- TASK INPUT:
○ ○ ○

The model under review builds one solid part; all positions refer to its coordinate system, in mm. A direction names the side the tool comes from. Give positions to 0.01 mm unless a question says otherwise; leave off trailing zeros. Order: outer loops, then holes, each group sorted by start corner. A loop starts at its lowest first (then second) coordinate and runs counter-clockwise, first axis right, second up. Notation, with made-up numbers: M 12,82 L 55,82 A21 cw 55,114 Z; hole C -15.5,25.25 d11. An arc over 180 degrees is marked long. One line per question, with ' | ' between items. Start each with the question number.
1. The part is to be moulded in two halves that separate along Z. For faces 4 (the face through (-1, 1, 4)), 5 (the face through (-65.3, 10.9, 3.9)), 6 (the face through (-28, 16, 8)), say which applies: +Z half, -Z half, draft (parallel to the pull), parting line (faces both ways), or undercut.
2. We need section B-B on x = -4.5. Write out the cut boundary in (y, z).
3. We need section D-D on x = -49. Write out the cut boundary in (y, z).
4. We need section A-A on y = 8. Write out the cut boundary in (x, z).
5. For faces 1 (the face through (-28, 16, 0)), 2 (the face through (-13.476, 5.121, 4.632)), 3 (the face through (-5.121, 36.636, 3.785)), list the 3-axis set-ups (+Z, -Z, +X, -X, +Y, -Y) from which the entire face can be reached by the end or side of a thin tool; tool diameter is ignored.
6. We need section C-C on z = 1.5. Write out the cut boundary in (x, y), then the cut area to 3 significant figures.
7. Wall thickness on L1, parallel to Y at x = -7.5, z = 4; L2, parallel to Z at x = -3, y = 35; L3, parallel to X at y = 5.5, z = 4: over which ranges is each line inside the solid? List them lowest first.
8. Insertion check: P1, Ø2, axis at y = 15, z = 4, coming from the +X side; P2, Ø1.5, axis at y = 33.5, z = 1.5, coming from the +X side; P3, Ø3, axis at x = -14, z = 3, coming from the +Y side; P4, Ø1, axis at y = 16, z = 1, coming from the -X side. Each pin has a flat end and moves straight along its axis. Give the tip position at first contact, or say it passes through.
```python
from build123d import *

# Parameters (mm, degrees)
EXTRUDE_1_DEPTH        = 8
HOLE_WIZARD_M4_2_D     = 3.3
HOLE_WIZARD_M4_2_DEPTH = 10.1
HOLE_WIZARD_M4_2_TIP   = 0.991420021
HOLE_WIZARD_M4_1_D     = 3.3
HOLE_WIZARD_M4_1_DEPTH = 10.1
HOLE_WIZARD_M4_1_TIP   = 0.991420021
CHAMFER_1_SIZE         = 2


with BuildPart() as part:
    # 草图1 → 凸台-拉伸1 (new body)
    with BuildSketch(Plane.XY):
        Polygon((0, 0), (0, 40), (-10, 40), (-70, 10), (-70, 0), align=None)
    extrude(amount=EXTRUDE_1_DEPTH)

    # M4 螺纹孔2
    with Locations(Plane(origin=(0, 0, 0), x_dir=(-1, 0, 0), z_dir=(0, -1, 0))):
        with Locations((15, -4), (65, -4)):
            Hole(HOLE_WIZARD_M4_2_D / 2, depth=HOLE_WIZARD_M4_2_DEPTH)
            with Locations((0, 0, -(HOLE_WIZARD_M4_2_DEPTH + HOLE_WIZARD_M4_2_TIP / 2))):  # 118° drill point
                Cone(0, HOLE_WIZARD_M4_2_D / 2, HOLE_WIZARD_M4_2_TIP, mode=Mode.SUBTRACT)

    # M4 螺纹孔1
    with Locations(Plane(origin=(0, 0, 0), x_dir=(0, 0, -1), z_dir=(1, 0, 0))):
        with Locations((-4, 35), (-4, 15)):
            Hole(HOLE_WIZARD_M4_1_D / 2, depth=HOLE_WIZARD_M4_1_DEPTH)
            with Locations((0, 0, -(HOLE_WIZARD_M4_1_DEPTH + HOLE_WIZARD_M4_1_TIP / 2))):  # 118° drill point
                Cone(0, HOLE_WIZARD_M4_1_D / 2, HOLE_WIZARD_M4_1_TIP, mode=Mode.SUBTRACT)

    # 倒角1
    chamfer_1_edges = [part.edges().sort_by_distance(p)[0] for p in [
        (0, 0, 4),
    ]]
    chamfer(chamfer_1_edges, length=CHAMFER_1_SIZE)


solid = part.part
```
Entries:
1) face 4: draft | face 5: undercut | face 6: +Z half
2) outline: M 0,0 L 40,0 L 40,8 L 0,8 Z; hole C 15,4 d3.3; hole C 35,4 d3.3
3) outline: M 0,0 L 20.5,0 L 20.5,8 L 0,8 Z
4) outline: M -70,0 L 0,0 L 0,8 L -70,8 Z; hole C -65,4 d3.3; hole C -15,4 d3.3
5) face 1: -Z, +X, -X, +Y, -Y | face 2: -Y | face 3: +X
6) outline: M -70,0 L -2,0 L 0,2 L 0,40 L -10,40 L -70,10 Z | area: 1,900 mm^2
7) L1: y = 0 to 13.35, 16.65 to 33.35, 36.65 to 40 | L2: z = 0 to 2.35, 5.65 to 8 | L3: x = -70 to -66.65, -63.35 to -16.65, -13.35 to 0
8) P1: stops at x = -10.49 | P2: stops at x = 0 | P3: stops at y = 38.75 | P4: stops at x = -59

○ ○ ○

The required output is all of the material, word for word.

The model under review builds one solid part; all positions refer to its coordinate system, in mm. A direction names the side the tool comes from. Give positions to 0.01 mm unless a question says otherwise; leave off trailing zeros. Order: outer loops, then holes, each group sorted by start corner. A loop starts at its lowest first (then second) coordinate and runs counter-clockwise, first axis right, second up. Notation, with made-up numbers: M 12,82 L 55,82 A21 cw 55,114 Z; hole C -15.5,25.25 d11. An arc over 180 degrees is marked long. One line per question, with ' | ' between items. Start each with the question number.
1. The part is to be moulded in two halves that separate along Z. For faces 4 (the face through (-1, 1, 4)), 5 (the face through (-65.3, 10.9, 3.9)), 6 (the face through (-28, 16, 8)), say which applies: +Z half, -Z half, draft (parallel to the pull), parting line (faces both ways), or undercut.
2. We need section B-B on x = -4.5. Write out the cut boundary in (y, z).
3. We need section D-D on x = -49. Write out the cut boundary in (y, z).
4. We need section A-A on y = 8. Write out the cut boundary in (x, z).
5. For faces 1 (the face through (-28, 16, 0)), 2 (the face through (-13.476, 5.121, 4.632)), 3 (the face through (-5.121, 36.636, 3.785)), list the 3-axis set-ups (+Z, -Z, +X, -X, +Y, -Y) from which the entire face can be reached by the end or side of a thin tool; tool diameter is ignored.
6. We need section C-C on z = 1.5. Write out the cut boundary in (x, y), then the cut area to 3 significant figures.
7. Wall thickness on L1, parallel to Y at x = -7.5, z = 4; L2, parallel to Z at x = -3, y = 35; L3, parallel to X at y = 5.5, z = 4: over which ranges is each line inside the solid? List them lowest first.
8. Insertion check: P1, Ø2, axis at y = 15, z = 4, coming from the +X side; P2, Ø1.5, axis at y = 33.5, z = 1.5, coming from the +X side; P3, Ø3, axis at x = -14, z = 3, coming from the +Y side; P4, Ø1, axis at y = 16, z = 1, coming from the -X side. Each pin has a flat end and moves straight along its axis. Give the tip position at first contact, or say it passes through.
```python
from build123d import *

# Parameters (mm, degrees)
EXTRUDE_1_DEPTH        = 8
HOLE_WIZARD_M4_2_D     = 3.3
HOLE_WIZARD_M4_2_DEPTH = 10.1
HOLE_WIZARD_M4_2_TIP   = 0.991420021
HOLE_WIZARD_M4_1_D     = 3.3
HOLE_WIZARD_M4_1_DEPTH = 10.1
HOLE_WIZARD_M4_1_TIP   = 0.991420021
CHAMFER_1_SIZE         = 2


with BuildPart() as part:
    # 草图1 → 凸台-拉伸1 (new body)
    with BuildSketch(Plane.XY):
        Polygon((0, 0), (0, 40), (-10, 40), (-70, 10), (-70, 0), align=None)
    extrude(amount=EXTRUDE_1_DEPTH)

    # M4 螺纹孔2
    with Locations(Plane(origin=(0, 0, 0), x_dir=(-1, 0, 0), z_dir=(0, -1, 0))):
        with Locations((15, -4), (65, -4)):
            Hole(HOLE_WIZARD_M4_2_D / 2, depth=HOLE_WIZARD_M4_2_DEPTH)
            with Locations((0, 0, -(HOLE_WIZARD_M4_2_DEPTH + HOLE_WIZARD_M4_2_TIP / 2))):  # 118° drill point
                Cone(0, HOLE_WIZARD_M4_2_D / 2, HOLE_WIZARD_M4_2_TIP, mode=Mode.SUBTRACT)

    # M4 螺纹孔1
    with Locations(Plane(origin=(0, 0, 0), x_dir=(0, 0, -1), z_dir=(1, 0, 0))):
        with Locations((-4, 35), (-4, 15)):
            Hole(HOLE_WIZARD_M4_1_D / 2, depth=HOLE_WIZARD_M4_1_DEPTH)
            with Locations((0, 0, -(HOLE_WIZARD_M4_1_DEPTH + HOLE_WIZARD_M4_1_TIP / 2))):  # 118° drill point
                Cone(0, HOLE_WIZARD_M4_1_D / 2, HOLE_WIZARD_M4_1_TIP, mode=Mode.SUBTRACT)

    # 倒角1
    chamfer_1_edges = [part.edges().sort_by_distance(p)[0] for p in [
        (0, 0, 4),
    ]]
    chamfer(chamfer_1_edges, length=CHAMFER_1_SIZE)


solid = part.part
```
Entries:
1) face 4: draft | face 5: undercut | face 6: +Z half
2) outline: M 0,0 L 40,0 L 40,8 L 0,8 Z; hole C 15,4 d3.3; hole C 35,4 d3.3
3) outline: M 0,0 L 20.5,0 L 20.5,8 L 0,8 Z
4) outline: M -70,0 L 0,0 L 0,8 L -70,8 Z; hole C -65,4 d3.3; hole C -15,4 d3.3
5) face 1: -Z, +X, -X, +Y, -Y | face 2: -Y | face 3: +X
6) outline: M -70,0 L -2,0 L 0,2 L 0,40 L -10,40 L -70,10 Z | area: 1,900 mm^2
7) L1: y = 0 to 13.35, 16.65 to 33.35, 36.65 to 40 | L2: z = 0 to 2.35, 5.65 to 8 | L3: x = -70 to -66.65, -63.35 to -16.65, -13.35 to 0
8) P1: stops at x = -10.49 | P2: stops at x = 0 | P3: stops at y = 38.75 | P4: stops at x = -59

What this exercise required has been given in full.